- _What to work on_
Print the lines below word for word, beginning with the first and ending with the line that holds "world=origin(), true_north=direction((0.0, 1.0)))", and skip every picture.

[Source data]
##########

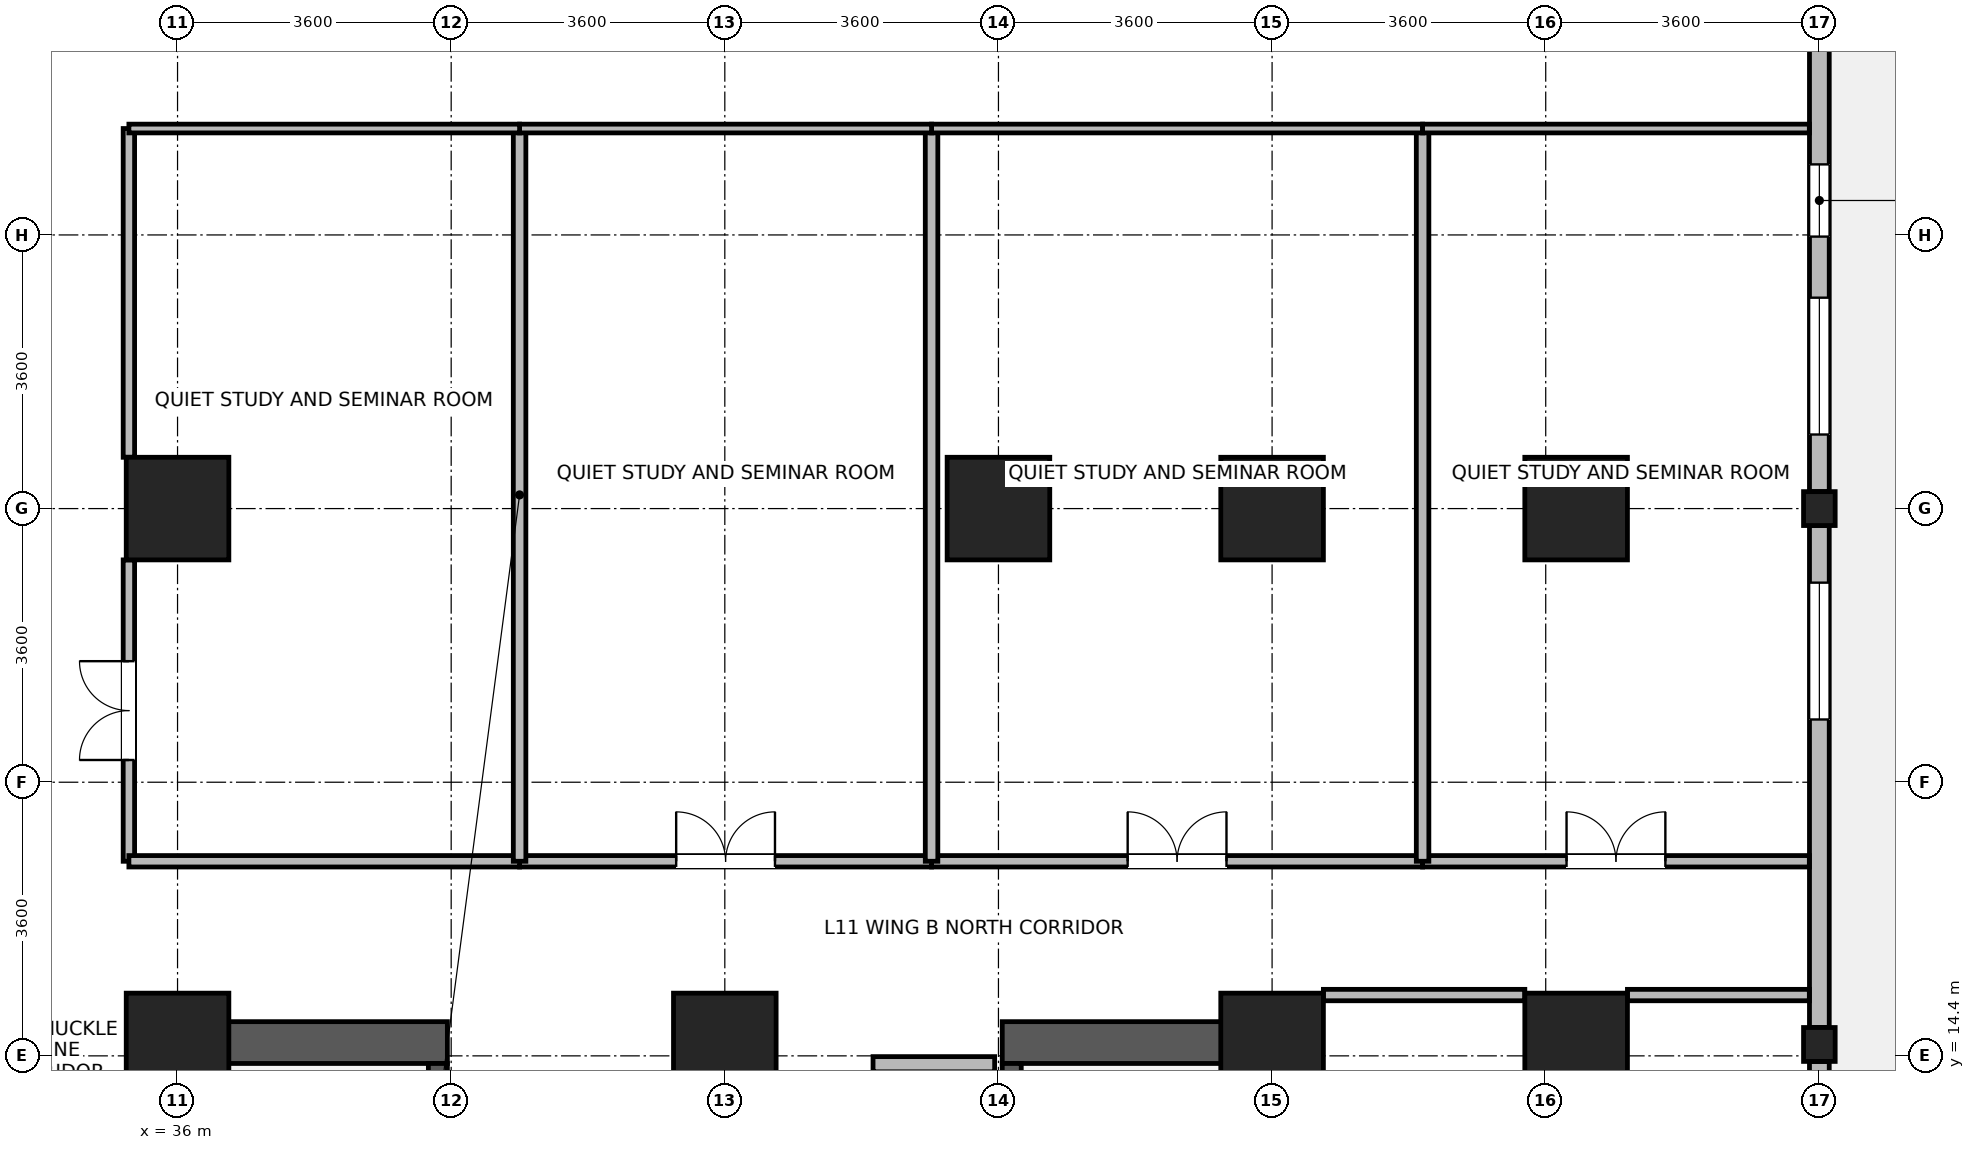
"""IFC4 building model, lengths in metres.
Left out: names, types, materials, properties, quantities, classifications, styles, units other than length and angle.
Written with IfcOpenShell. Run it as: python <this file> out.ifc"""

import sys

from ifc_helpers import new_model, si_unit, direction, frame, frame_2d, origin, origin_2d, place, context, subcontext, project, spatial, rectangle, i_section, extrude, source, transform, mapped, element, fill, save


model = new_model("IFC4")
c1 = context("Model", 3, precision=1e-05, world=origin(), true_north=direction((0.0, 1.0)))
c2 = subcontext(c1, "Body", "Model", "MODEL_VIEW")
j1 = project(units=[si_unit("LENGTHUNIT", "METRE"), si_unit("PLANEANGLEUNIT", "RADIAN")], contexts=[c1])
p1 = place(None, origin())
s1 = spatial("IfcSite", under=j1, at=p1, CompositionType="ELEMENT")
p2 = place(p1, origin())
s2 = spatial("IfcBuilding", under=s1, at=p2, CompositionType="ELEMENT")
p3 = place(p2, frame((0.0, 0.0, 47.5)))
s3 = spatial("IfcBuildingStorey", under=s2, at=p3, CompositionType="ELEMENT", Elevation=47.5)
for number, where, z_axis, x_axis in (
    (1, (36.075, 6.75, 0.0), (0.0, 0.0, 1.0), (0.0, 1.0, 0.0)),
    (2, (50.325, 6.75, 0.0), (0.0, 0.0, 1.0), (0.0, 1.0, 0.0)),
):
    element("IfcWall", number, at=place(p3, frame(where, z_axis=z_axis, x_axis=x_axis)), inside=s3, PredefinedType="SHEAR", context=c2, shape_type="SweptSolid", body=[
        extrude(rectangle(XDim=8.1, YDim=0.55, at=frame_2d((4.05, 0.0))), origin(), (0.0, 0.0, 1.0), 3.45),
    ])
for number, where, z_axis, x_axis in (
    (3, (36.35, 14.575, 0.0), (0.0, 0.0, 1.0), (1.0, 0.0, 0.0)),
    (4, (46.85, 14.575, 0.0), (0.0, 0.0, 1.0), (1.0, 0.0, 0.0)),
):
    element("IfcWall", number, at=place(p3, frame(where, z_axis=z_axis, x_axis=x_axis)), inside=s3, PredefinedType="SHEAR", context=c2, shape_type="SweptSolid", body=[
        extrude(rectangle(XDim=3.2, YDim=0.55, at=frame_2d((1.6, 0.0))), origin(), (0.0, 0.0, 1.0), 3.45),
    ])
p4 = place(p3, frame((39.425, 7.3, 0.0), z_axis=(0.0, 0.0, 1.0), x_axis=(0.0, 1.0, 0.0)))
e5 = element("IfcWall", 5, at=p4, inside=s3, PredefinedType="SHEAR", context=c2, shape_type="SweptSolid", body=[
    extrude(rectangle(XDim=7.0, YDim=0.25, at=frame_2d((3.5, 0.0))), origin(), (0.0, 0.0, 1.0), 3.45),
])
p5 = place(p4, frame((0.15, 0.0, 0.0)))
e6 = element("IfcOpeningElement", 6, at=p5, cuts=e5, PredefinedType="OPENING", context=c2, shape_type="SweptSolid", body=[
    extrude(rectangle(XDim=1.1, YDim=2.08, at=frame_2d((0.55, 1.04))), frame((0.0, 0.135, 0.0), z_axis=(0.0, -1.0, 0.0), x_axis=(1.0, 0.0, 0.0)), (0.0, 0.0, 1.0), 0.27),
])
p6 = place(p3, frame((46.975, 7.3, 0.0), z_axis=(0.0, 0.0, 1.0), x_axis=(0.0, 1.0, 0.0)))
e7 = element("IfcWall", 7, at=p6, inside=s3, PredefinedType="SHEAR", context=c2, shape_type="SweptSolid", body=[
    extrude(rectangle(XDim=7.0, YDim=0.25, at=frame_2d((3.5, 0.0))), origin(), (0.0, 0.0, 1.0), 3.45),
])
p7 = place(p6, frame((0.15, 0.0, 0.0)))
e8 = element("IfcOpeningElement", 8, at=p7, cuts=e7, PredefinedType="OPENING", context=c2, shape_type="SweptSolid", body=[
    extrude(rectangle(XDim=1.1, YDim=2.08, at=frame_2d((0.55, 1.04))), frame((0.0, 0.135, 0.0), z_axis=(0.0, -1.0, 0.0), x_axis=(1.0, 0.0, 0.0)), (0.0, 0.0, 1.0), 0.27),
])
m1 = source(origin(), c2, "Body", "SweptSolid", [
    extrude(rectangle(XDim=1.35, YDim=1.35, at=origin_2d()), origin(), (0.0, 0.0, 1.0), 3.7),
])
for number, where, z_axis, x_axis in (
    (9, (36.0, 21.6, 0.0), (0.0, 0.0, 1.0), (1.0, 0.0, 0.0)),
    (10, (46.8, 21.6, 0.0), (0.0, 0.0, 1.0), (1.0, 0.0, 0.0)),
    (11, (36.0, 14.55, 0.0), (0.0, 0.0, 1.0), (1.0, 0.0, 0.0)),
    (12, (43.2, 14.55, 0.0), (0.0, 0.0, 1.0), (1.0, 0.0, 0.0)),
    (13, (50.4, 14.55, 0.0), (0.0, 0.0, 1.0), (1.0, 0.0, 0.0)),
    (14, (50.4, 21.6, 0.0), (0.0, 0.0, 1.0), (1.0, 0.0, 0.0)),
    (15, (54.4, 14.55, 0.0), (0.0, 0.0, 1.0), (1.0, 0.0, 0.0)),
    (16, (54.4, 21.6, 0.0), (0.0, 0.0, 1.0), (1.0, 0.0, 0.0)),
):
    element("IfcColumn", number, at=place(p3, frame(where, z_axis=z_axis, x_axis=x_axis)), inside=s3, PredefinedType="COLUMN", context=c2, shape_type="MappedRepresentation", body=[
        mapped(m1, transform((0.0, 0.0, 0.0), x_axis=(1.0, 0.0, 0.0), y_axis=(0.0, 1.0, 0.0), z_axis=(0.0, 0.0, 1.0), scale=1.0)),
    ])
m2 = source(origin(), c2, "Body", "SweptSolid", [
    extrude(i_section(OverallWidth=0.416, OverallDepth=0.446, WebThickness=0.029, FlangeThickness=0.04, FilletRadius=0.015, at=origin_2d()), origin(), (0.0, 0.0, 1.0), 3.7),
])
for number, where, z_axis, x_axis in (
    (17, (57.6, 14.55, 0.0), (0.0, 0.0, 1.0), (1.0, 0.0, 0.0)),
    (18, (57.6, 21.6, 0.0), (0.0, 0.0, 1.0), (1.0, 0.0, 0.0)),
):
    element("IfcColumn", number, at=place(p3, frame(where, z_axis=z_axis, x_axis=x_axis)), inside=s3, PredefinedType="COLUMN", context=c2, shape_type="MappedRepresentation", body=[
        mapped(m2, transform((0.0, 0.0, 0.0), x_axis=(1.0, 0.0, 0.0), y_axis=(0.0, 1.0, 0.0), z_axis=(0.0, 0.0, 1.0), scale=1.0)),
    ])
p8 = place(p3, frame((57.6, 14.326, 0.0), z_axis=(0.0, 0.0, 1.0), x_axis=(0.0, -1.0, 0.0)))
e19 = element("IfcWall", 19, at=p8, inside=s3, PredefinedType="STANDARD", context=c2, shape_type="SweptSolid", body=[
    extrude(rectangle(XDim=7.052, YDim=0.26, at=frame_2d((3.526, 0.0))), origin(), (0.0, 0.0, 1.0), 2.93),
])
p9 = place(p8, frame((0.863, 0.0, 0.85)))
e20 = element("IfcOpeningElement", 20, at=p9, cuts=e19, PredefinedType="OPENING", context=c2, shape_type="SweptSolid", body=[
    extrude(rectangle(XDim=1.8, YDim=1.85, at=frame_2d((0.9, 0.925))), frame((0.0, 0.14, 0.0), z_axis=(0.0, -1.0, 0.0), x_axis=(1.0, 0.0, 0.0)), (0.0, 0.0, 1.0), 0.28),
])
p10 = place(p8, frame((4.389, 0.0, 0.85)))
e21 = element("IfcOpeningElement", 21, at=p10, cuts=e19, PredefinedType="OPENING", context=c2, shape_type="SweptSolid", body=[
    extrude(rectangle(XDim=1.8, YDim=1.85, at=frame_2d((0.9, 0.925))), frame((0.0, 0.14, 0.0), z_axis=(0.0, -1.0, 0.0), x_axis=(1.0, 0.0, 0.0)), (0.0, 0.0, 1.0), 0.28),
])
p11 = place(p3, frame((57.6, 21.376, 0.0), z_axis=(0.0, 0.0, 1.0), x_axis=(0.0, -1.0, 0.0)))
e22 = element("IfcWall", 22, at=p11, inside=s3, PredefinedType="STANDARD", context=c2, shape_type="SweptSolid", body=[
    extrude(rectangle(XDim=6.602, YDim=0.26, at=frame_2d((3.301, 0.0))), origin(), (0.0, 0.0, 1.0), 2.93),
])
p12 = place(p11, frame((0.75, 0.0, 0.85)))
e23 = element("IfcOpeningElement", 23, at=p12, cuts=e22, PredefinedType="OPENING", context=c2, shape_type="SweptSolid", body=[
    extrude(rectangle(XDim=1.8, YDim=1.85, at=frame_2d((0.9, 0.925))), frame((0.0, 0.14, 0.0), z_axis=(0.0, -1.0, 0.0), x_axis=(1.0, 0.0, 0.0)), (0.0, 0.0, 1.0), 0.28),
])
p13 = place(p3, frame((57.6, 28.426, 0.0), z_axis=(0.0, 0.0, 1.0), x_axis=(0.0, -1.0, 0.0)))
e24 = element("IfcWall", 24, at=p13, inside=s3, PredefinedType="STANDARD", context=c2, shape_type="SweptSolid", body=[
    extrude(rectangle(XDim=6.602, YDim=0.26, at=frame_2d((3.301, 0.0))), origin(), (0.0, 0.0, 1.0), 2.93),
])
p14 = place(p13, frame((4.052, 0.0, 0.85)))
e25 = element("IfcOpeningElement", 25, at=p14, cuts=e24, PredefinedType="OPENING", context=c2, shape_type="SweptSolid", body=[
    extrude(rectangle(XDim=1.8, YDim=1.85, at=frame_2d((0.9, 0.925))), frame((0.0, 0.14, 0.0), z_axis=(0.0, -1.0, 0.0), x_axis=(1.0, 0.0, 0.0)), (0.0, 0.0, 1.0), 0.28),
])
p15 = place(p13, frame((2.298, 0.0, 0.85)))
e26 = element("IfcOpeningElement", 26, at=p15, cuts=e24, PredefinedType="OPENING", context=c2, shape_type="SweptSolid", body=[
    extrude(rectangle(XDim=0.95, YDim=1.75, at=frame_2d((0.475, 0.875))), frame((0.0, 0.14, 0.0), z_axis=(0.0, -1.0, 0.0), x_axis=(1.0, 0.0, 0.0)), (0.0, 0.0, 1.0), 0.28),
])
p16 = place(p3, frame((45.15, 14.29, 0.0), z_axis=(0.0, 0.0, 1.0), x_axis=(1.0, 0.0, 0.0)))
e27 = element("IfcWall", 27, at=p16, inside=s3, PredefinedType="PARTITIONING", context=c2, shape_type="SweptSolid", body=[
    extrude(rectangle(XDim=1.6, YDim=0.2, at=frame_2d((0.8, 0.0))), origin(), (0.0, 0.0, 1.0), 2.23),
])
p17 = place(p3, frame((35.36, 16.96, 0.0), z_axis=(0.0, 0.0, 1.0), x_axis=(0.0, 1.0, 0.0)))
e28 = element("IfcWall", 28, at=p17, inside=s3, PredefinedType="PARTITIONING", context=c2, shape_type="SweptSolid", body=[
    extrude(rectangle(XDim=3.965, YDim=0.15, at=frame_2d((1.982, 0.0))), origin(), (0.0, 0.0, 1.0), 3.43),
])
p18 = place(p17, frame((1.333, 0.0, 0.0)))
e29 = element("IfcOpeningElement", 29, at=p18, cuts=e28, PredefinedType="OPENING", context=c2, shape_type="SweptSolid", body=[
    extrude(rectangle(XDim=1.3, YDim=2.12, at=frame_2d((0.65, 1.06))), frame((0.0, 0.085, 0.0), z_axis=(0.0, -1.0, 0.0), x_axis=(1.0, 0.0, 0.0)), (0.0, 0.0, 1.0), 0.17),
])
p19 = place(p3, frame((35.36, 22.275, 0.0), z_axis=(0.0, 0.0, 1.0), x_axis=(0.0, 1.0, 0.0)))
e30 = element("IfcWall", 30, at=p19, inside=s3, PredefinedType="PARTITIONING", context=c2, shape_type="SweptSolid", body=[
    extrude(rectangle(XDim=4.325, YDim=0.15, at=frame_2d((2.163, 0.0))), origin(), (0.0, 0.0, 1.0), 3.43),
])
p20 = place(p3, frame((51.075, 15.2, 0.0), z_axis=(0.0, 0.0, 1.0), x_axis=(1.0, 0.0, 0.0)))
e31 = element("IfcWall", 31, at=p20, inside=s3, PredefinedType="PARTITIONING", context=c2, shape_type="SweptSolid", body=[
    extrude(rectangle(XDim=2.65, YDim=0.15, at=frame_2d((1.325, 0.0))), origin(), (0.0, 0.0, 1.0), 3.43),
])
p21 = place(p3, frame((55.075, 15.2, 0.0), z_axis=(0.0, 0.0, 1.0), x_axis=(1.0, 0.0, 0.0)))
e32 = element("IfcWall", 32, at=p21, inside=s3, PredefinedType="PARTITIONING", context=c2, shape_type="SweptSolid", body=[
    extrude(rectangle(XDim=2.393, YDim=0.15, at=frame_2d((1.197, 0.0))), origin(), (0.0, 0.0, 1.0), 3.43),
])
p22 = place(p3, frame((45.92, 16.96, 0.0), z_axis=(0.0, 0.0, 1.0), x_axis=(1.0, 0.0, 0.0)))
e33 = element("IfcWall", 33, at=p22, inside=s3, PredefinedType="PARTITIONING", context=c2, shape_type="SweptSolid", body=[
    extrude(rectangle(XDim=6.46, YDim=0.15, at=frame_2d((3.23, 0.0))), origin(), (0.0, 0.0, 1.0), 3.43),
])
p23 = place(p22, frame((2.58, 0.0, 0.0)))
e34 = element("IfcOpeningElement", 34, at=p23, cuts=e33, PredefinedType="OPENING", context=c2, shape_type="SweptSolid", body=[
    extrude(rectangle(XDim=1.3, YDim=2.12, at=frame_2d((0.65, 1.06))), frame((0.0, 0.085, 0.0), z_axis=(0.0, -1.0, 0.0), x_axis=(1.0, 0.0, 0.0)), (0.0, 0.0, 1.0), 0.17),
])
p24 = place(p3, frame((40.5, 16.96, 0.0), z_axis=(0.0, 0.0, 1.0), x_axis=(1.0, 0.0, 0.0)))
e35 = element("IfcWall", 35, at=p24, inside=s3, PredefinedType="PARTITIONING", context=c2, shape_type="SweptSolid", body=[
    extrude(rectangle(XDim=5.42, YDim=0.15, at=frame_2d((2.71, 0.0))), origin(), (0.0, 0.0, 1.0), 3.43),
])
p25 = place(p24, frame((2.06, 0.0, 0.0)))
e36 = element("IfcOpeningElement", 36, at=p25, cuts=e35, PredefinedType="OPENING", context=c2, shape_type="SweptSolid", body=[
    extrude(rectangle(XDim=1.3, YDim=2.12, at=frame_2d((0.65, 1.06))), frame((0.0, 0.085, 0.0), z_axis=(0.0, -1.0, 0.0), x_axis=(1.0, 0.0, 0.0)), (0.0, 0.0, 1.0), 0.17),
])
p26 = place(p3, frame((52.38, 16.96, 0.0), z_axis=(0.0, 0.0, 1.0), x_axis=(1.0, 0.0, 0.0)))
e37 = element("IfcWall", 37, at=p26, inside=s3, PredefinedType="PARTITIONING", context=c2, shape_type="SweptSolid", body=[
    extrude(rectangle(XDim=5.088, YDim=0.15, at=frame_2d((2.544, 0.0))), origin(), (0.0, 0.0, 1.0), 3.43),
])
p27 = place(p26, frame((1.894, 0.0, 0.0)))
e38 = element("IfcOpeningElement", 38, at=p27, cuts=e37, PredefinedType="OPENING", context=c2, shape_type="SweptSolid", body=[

##########

- _Exercise result_
"""IFC4 building model, lengths in metres.
Left out: names, types, materials, properties, quantities, classifications, styles, units other than length and angle.
Written with IfcOpenShell. Run it as: python <this file> out.ifc"""

import sys

from ifc_helpers import new_model, si_unit, direction, frame, frame_2d, origin, origin_2d, place, context, subcontext, project, spatial, rectangle, i_section, extrude, source, transform, mapped, element, fill, save


model = new_model("IFC4")
c1 = context("Model", 3, precision=1e-05, world=origin(), true_north=direction((0.0, 1.0)))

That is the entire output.